Content starts

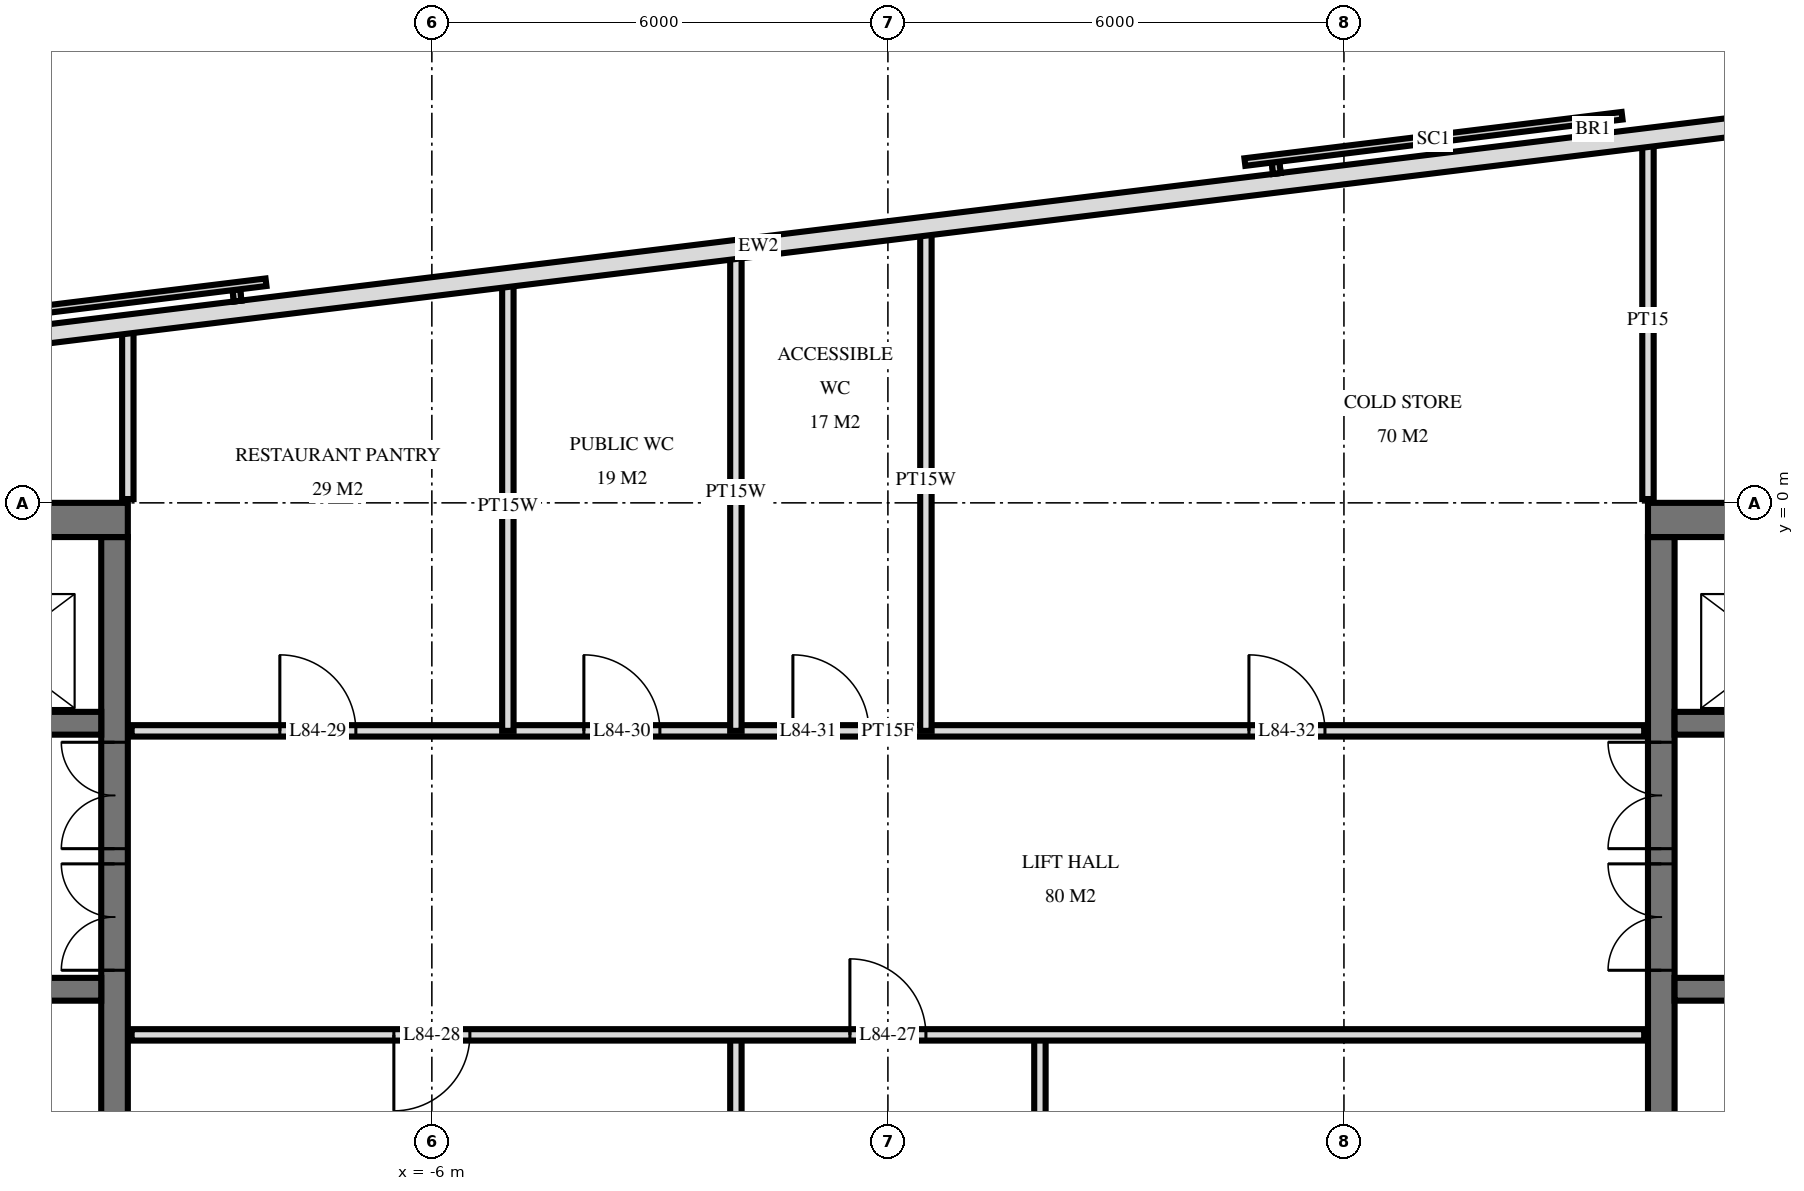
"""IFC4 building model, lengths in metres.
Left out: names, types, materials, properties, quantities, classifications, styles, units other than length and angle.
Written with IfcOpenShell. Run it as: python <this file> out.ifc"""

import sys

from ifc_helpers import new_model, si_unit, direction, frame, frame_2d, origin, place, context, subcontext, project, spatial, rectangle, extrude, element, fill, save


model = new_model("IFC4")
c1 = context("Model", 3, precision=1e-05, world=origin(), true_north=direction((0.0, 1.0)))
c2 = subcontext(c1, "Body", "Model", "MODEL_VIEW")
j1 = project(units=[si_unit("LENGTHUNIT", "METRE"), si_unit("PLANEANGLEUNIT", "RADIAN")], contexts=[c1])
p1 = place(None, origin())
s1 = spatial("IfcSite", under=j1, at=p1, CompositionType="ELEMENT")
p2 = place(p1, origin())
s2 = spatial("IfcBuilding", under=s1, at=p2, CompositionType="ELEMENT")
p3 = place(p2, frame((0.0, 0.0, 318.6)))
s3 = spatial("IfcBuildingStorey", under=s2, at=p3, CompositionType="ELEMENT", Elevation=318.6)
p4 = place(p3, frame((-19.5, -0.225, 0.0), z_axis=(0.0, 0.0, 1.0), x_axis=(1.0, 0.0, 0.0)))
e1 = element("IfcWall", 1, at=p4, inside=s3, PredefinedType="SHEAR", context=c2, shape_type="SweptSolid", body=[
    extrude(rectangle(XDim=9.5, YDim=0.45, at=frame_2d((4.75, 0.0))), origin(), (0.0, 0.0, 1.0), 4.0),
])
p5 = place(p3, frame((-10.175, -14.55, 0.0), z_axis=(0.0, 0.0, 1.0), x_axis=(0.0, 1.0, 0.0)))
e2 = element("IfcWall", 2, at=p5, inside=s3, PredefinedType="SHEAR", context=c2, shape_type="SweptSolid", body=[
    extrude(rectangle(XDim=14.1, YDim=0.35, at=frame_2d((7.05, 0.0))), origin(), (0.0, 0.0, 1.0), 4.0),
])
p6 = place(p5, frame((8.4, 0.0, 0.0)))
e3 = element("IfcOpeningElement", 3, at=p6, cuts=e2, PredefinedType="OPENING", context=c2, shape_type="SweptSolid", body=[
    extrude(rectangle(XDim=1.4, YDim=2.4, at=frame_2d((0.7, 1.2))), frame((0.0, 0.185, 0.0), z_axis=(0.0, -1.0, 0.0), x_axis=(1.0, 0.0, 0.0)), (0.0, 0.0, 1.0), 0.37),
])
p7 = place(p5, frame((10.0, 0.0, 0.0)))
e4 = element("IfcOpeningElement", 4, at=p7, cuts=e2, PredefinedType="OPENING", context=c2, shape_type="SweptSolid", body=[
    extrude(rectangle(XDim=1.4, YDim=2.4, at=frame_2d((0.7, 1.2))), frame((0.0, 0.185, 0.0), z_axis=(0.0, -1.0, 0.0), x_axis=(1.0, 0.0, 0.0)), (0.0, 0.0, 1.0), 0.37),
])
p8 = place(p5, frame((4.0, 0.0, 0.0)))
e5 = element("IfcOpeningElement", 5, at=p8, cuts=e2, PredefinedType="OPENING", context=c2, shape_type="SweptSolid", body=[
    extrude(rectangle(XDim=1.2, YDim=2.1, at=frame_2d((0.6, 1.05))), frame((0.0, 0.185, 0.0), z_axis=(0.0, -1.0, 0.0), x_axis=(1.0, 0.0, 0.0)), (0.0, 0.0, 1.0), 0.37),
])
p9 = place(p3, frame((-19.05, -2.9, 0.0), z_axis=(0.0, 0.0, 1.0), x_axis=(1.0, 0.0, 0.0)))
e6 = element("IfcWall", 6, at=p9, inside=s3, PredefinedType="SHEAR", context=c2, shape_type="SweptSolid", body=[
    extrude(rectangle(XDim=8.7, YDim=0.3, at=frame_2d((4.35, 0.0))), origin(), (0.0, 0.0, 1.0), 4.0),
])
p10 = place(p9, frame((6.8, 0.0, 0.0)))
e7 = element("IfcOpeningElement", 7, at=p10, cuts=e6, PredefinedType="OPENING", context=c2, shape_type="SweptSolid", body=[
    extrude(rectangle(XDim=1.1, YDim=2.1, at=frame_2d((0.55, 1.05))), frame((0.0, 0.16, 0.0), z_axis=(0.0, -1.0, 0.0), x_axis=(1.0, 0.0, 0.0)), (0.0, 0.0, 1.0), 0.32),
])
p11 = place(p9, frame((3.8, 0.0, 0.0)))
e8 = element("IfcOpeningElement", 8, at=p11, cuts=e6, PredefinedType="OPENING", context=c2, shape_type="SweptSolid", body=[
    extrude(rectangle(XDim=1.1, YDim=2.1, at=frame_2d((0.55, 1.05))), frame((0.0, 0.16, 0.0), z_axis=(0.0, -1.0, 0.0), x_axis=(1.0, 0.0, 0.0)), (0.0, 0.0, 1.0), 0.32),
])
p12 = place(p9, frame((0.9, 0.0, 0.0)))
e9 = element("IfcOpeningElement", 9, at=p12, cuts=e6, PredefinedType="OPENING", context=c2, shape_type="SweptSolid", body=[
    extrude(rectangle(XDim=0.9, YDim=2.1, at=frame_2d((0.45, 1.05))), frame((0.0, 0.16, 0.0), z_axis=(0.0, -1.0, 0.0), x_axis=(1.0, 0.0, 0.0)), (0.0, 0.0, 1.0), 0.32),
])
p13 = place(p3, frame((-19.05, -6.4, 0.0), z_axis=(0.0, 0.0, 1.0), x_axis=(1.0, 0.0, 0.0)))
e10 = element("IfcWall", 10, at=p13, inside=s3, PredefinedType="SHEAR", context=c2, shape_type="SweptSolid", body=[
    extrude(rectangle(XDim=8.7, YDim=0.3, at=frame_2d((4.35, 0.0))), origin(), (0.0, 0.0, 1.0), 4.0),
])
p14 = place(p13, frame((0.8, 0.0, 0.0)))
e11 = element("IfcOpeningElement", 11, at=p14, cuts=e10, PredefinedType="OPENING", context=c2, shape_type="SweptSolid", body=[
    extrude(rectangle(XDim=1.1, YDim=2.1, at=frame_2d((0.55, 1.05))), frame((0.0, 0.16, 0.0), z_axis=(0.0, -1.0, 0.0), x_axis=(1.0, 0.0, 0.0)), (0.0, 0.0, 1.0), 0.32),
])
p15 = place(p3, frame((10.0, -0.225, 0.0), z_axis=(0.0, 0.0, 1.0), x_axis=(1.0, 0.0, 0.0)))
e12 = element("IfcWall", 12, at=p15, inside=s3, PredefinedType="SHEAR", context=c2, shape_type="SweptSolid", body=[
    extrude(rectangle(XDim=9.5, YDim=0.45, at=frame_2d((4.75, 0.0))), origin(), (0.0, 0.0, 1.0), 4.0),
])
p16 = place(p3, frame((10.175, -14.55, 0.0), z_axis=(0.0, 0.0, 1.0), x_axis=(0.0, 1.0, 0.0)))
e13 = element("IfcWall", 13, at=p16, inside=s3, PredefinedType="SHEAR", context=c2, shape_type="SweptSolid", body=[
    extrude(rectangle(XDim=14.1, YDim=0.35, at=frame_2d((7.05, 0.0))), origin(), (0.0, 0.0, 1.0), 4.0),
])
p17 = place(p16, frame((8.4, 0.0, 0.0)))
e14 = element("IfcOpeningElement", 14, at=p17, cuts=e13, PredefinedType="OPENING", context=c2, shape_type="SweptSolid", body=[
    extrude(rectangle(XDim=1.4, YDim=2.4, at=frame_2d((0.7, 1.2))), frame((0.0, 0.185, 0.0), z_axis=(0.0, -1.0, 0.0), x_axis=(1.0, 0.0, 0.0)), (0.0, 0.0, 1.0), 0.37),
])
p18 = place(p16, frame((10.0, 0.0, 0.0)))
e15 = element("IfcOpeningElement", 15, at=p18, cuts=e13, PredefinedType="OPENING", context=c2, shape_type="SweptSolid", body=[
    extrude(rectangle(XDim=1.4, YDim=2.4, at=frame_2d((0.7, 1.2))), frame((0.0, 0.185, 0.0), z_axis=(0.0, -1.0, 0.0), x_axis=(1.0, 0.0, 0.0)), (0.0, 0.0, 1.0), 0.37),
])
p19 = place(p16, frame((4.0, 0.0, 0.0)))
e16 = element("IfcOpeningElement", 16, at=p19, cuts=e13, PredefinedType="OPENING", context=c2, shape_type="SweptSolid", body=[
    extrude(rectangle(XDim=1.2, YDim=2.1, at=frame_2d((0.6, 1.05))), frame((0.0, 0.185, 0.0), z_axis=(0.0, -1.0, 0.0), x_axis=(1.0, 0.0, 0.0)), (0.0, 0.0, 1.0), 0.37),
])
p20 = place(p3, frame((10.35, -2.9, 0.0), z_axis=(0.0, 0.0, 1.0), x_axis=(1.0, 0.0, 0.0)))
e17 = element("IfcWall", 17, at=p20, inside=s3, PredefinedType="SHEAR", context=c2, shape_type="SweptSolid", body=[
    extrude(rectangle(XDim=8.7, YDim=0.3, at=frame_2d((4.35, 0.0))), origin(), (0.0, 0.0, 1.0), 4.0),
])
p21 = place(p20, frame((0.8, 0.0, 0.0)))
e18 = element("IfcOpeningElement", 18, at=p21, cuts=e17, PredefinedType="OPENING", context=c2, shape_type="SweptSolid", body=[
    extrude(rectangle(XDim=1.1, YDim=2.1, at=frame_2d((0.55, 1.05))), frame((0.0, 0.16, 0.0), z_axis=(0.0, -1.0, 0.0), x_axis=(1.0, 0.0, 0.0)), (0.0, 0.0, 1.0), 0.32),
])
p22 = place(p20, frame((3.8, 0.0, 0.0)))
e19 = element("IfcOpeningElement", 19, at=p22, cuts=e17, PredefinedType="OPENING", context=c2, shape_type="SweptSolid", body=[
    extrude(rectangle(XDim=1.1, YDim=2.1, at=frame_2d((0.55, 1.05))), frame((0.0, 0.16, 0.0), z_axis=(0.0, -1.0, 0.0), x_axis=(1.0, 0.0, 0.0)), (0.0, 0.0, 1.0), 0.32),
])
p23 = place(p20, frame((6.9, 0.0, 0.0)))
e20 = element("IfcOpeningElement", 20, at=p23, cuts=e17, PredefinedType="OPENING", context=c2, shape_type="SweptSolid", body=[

Content ends

What the exercise asks
Where in the records above does the word "direction" appear? Copy each line that holds it.

Solution to the problem
from ifc_helpers import new_model, si_unit, direction, frame, frame_2d, origin, place, context, subcontext, project, spatial, rectangle, extrude, element, fill, save
c1 = context("Model", 3, precision=1e-05, world=origin(), true_north=direction((0.0, 1.0)))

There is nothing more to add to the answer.